• Exercise instructions
Scan the entries for lines with "OperationType" and say how many there are, with nothing more.
[Recorded information]
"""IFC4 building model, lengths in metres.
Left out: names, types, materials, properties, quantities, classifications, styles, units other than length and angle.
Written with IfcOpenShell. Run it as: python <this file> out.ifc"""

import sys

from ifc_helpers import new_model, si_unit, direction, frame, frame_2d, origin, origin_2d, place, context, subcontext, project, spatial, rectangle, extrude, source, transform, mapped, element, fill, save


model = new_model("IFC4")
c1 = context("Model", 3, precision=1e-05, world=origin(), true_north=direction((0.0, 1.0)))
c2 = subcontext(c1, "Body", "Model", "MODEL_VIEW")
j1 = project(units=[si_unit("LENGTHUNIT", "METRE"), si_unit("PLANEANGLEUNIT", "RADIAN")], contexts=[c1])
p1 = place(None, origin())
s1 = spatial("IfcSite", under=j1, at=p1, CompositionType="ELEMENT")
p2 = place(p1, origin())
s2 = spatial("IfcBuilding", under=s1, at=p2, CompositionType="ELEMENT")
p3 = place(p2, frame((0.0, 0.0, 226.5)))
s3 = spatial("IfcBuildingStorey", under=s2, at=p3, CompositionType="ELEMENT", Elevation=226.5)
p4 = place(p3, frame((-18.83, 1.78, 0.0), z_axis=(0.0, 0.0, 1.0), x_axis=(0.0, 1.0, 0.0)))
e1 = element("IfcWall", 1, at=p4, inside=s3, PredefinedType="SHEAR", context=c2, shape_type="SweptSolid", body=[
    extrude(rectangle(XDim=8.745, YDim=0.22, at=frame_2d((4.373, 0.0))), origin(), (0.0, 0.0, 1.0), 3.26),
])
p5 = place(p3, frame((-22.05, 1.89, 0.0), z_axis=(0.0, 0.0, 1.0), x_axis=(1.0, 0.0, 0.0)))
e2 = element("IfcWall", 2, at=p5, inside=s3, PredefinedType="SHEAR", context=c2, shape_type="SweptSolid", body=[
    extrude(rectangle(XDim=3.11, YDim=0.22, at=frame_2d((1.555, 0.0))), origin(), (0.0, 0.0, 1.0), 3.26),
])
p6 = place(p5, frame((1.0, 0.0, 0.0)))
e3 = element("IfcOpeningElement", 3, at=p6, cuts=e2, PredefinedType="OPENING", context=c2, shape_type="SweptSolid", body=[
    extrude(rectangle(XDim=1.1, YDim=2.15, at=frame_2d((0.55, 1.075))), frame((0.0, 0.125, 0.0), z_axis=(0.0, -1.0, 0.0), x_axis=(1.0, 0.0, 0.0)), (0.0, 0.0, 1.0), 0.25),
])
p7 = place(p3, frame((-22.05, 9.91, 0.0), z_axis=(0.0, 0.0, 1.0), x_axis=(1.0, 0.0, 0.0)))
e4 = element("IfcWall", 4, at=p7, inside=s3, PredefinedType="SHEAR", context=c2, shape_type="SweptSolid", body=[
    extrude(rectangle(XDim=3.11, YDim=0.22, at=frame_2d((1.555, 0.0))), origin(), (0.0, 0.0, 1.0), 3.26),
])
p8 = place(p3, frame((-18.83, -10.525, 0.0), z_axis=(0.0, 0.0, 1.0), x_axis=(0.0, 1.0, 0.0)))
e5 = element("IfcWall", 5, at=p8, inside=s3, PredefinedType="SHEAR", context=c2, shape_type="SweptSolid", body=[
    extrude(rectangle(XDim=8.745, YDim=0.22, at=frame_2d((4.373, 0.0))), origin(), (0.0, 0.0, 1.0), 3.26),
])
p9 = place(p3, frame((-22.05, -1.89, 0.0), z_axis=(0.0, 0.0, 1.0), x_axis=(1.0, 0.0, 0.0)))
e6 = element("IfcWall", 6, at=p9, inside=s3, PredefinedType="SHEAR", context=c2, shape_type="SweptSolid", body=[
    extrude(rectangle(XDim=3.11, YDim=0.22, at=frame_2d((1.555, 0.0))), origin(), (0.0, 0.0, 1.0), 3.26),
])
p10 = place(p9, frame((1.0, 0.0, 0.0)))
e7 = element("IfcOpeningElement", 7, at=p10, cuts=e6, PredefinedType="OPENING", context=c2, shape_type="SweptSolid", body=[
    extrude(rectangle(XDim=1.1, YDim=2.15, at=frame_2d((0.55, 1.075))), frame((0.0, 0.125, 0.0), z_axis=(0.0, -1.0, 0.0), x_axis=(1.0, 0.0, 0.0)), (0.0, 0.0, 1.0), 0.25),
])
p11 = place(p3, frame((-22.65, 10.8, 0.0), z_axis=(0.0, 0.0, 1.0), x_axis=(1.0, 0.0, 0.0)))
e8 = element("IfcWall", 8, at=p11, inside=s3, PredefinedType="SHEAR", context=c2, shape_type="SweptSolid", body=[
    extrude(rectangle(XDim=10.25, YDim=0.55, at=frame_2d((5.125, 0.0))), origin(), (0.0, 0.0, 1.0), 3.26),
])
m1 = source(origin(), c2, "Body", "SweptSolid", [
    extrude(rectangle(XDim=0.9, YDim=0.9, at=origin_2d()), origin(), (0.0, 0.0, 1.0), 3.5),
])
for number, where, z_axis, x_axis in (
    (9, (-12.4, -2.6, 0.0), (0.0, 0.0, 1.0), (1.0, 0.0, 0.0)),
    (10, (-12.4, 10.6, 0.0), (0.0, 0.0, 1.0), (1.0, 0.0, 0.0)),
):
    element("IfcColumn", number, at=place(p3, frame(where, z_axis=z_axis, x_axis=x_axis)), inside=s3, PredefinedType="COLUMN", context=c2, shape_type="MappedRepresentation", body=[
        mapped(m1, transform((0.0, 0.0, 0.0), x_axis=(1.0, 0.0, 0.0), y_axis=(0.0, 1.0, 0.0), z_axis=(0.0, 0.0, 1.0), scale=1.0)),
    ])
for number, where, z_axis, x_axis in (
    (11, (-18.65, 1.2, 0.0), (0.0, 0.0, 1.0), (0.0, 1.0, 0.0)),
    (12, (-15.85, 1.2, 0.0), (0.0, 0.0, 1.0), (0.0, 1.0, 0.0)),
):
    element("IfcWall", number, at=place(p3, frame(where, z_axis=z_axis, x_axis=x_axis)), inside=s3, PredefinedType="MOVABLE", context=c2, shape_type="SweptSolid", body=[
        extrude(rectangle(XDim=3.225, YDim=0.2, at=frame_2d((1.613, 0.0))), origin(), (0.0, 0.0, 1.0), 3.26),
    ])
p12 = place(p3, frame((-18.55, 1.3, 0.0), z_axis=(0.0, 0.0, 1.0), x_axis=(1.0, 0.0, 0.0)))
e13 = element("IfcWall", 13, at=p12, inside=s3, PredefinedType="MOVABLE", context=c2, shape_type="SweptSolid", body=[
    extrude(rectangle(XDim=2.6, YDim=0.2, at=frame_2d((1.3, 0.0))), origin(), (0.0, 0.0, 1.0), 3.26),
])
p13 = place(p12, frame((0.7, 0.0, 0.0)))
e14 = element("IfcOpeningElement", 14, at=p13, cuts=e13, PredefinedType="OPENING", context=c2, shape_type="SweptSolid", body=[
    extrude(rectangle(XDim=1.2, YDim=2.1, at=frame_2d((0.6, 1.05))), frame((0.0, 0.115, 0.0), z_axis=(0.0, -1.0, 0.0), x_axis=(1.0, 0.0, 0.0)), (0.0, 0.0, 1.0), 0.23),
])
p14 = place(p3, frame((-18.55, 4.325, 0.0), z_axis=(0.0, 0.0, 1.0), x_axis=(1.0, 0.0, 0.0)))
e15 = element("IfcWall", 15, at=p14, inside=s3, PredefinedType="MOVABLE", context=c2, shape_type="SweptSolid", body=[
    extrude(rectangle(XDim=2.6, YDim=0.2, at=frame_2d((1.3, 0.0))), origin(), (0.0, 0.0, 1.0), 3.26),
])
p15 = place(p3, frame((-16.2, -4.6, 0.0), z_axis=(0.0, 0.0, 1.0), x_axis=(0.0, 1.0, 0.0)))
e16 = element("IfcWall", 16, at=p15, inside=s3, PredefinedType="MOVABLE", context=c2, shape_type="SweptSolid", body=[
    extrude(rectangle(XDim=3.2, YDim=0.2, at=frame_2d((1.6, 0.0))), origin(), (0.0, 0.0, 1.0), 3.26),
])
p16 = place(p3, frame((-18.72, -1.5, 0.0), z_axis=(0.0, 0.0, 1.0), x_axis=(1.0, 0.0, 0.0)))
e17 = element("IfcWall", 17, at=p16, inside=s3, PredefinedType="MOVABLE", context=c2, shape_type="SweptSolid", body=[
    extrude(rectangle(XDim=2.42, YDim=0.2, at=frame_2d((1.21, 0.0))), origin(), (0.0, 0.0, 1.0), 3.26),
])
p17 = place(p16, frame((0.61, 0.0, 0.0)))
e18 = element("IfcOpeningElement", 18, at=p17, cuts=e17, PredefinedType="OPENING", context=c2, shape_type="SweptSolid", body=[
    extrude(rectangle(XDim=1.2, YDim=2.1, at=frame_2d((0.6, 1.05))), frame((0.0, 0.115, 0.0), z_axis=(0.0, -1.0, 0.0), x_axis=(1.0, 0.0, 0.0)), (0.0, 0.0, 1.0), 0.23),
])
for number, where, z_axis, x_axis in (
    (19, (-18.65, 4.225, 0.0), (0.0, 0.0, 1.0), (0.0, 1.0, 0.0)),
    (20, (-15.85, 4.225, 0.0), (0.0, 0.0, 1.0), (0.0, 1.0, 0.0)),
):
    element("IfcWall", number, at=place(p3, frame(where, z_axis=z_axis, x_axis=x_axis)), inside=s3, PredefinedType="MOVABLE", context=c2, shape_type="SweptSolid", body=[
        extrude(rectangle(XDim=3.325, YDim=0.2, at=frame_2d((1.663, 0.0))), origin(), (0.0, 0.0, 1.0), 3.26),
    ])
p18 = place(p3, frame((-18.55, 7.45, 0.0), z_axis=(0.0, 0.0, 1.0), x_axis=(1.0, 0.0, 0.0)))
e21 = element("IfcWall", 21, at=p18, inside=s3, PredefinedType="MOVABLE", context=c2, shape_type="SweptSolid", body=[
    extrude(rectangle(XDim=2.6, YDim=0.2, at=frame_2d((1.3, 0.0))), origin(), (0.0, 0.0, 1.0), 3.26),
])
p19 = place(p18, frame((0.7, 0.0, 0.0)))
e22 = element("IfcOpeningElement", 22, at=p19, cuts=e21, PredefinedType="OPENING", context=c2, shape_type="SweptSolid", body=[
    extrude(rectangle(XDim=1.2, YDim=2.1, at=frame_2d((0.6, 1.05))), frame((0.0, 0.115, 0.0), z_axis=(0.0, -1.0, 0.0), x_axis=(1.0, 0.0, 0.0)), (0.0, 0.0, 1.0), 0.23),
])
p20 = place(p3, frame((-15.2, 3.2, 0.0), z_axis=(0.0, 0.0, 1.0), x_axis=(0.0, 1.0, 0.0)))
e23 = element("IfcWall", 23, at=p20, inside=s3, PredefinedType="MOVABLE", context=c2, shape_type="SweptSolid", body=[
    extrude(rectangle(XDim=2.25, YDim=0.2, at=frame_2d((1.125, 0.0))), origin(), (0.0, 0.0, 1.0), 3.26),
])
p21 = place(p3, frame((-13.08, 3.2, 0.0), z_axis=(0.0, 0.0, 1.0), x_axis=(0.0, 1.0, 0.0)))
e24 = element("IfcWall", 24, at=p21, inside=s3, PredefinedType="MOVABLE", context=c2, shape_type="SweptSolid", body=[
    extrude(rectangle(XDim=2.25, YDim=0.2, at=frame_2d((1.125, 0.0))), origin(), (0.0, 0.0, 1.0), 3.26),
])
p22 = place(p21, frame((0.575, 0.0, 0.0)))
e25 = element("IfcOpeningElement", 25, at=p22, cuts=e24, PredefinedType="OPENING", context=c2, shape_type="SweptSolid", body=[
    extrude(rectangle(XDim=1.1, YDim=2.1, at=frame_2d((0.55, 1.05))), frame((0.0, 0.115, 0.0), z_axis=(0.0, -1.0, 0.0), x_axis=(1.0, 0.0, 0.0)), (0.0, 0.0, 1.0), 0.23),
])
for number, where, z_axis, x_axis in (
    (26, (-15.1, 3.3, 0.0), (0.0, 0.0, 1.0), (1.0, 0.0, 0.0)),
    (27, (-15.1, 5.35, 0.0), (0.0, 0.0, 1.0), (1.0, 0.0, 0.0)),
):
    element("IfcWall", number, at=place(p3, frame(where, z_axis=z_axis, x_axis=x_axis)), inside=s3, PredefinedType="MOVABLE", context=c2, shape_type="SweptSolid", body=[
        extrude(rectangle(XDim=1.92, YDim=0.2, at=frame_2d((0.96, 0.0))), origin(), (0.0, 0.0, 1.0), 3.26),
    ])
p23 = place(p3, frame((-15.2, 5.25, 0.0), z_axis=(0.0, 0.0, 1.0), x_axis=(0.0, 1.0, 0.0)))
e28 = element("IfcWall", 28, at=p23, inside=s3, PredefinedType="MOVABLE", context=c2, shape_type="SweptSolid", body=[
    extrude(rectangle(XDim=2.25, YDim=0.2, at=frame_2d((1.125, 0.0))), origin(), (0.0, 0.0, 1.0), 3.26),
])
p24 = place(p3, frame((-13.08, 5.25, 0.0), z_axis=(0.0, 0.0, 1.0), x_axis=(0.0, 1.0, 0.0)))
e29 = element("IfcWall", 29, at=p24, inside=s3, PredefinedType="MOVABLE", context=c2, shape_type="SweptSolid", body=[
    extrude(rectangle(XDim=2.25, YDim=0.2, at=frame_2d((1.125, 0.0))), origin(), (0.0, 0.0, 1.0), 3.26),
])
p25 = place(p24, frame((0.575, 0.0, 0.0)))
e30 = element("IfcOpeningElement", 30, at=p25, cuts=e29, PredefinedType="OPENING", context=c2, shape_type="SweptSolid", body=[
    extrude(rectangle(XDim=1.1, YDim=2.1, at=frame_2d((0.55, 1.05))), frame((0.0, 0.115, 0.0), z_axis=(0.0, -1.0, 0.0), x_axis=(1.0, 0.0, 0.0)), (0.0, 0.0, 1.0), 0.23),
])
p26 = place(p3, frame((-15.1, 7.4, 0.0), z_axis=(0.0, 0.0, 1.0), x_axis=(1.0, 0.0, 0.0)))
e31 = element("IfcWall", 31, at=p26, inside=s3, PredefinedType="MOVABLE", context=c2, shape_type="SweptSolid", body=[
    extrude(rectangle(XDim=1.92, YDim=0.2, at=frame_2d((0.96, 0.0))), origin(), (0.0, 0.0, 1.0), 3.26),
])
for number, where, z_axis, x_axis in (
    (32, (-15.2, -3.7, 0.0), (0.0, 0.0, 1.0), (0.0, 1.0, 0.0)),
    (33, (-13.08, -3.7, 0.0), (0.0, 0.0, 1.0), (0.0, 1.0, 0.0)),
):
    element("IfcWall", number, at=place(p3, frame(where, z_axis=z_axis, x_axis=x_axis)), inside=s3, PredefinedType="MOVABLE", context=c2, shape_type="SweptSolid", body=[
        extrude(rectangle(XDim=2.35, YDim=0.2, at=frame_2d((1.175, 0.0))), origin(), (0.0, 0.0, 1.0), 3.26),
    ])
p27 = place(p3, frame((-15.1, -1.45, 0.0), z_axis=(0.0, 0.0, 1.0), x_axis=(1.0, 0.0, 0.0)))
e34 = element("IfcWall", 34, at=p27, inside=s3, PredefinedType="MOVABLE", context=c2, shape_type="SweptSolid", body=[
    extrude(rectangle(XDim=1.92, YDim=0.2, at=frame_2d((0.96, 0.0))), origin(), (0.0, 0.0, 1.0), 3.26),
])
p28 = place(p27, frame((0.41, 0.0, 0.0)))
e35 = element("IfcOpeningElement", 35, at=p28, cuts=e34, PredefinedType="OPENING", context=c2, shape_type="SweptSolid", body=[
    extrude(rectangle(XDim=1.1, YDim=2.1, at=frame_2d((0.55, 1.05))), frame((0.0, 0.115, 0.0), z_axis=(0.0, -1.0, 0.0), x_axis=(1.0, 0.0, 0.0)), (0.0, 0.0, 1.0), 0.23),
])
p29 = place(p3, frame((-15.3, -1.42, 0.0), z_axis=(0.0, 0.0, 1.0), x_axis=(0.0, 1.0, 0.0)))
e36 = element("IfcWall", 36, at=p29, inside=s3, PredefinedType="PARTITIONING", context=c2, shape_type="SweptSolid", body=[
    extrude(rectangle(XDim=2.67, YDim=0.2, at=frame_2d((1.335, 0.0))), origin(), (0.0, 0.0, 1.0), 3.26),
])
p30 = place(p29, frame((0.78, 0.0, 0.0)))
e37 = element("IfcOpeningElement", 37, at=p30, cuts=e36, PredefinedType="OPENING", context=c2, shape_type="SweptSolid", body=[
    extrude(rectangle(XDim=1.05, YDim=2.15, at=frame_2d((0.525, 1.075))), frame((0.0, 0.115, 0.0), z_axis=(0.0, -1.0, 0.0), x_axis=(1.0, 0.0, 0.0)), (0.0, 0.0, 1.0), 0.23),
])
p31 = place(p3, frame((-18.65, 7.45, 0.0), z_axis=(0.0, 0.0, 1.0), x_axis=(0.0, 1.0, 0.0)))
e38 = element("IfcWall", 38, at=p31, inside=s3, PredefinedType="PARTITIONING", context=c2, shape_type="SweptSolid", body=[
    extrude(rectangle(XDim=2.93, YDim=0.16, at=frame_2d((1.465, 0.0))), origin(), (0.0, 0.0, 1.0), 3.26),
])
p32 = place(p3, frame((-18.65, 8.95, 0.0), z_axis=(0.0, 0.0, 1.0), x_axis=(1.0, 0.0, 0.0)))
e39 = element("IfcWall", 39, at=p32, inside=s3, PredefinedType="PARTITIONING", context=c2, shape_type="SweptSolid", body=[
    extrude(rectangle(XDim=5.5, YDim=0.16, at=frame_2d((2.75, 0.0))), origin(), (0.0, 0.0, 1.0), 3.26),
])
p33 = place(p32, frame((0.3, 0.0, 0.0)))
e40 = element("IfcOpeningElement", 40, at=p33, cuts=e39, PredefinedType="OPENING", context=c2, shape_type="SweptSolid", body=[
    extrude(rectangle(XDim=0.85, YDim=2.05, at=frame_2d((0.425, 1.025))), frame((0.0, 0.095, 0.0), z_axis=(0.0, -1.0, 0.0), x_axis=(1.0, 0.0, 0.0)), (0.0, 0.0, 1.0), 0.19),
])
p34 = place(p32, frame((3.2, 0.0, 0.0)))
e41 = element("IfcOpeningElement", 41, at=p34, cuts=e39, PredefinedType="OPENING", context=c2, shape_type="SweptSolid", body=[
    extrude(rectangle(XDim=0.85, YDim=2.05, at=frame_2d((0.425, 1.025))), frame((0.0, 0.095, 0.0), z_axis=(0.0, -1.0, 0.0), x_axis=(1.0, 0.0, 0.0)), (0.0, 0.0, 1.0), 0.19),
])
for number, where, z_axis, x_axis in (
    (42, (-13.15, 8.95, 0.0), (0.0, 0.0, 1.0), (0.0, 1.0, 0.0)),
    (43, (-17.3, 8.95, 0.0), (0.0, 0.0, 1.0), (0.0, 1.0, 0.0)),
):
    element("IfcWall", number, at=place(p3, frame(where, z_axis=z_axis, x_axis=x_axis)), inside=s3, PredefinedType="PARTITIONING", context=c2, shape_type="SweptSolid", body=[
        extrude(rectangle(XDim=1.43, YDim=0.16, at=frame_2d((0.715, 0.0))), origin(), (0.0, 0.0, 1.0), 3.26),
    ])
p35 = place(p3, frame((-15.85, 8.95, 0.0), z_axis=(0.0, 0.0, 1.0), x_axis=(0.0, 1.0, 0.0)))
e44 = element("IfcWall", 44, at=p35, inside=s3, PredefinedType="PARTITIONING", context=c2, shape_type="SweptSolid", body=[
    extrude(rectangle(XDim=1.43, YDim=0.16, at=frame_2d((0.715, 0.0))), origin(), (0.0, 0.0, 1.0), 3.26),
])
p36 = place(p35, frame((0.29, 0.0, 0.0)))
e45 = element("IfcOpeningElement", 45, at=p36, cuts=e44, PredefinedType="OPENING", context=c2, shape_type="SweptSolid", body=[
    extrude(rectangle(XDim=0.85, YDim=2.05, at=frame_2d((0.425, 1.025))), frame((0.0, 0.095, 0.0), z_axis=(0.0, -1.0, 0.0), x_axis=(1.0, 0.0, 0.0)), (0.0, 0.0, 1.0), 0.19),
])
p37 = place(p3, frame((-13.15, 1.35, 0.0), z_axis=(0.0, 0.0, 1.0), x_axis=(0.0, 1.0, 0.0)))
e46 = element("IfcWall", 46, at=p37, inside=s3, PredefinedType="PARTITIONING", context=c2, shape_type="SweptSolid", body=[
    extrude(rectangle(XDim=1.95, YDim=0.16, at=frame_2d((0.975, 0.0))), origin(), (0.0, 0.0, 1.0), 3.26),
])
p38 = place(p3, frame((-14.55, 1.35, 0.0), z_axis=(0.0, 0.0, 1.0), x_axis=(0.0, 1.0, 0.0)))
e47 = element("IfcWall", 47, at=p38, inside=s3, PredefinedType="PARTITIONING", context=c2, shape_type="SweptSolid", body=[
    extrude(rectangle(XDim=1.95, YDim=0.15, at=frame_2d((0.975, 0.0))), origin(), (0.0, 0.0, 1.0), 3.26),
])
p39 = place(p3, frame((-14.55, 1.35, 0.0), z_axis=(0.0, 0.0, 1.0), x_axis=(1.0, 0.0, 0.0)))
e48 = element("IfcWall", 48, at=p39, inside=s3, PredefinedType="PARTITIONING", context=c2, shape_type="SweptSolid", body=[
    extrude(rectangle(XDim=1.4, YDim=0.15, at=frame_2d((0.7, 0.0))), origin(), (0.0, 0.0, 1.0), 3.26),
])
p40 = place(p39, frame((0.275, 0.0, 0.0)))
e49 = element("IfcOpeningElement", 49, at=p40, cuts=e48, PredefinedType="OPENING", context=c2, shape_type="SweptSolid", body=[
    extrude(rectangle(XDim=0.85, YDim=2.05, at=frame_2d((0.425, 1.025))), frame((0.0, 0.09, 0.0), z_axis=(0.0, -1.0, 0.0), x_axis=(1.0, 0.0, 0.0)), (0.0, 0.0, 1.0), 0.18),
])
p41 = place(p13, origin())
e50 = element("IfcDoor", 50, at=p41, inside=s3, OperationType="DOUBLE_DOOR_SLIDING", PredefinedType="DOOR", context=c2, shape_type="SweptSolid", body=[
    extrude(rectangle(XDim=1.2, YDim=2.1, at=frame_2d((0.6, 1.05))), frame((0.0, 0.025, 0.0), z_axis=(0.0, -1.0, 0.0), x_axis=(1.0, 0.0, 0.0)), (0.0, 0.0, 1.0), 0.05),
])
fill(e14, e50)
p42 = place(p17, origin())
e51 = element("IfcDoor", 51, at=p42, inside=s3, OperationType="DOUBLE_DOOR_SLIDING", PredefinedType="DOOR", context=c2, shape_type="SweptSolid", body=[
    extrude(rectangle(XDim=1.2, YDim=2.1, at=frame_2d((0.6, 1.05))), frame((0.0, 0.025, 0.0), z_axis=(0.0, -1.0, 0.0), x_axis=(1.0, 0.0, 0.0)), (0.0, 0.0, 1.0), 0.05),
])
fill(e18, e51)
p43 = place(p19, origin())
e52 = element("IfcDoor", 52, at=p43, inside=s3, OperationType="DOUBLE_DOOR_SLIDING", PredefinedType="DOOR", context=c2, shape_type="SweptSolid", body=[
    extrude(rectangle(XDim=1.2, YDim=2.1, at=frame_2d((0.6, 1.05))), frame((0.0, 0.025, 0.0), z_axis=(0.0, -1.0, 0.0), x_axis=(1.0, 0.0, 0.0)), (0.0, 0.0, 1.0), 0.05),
[/Recorded information]
• Exercise result
3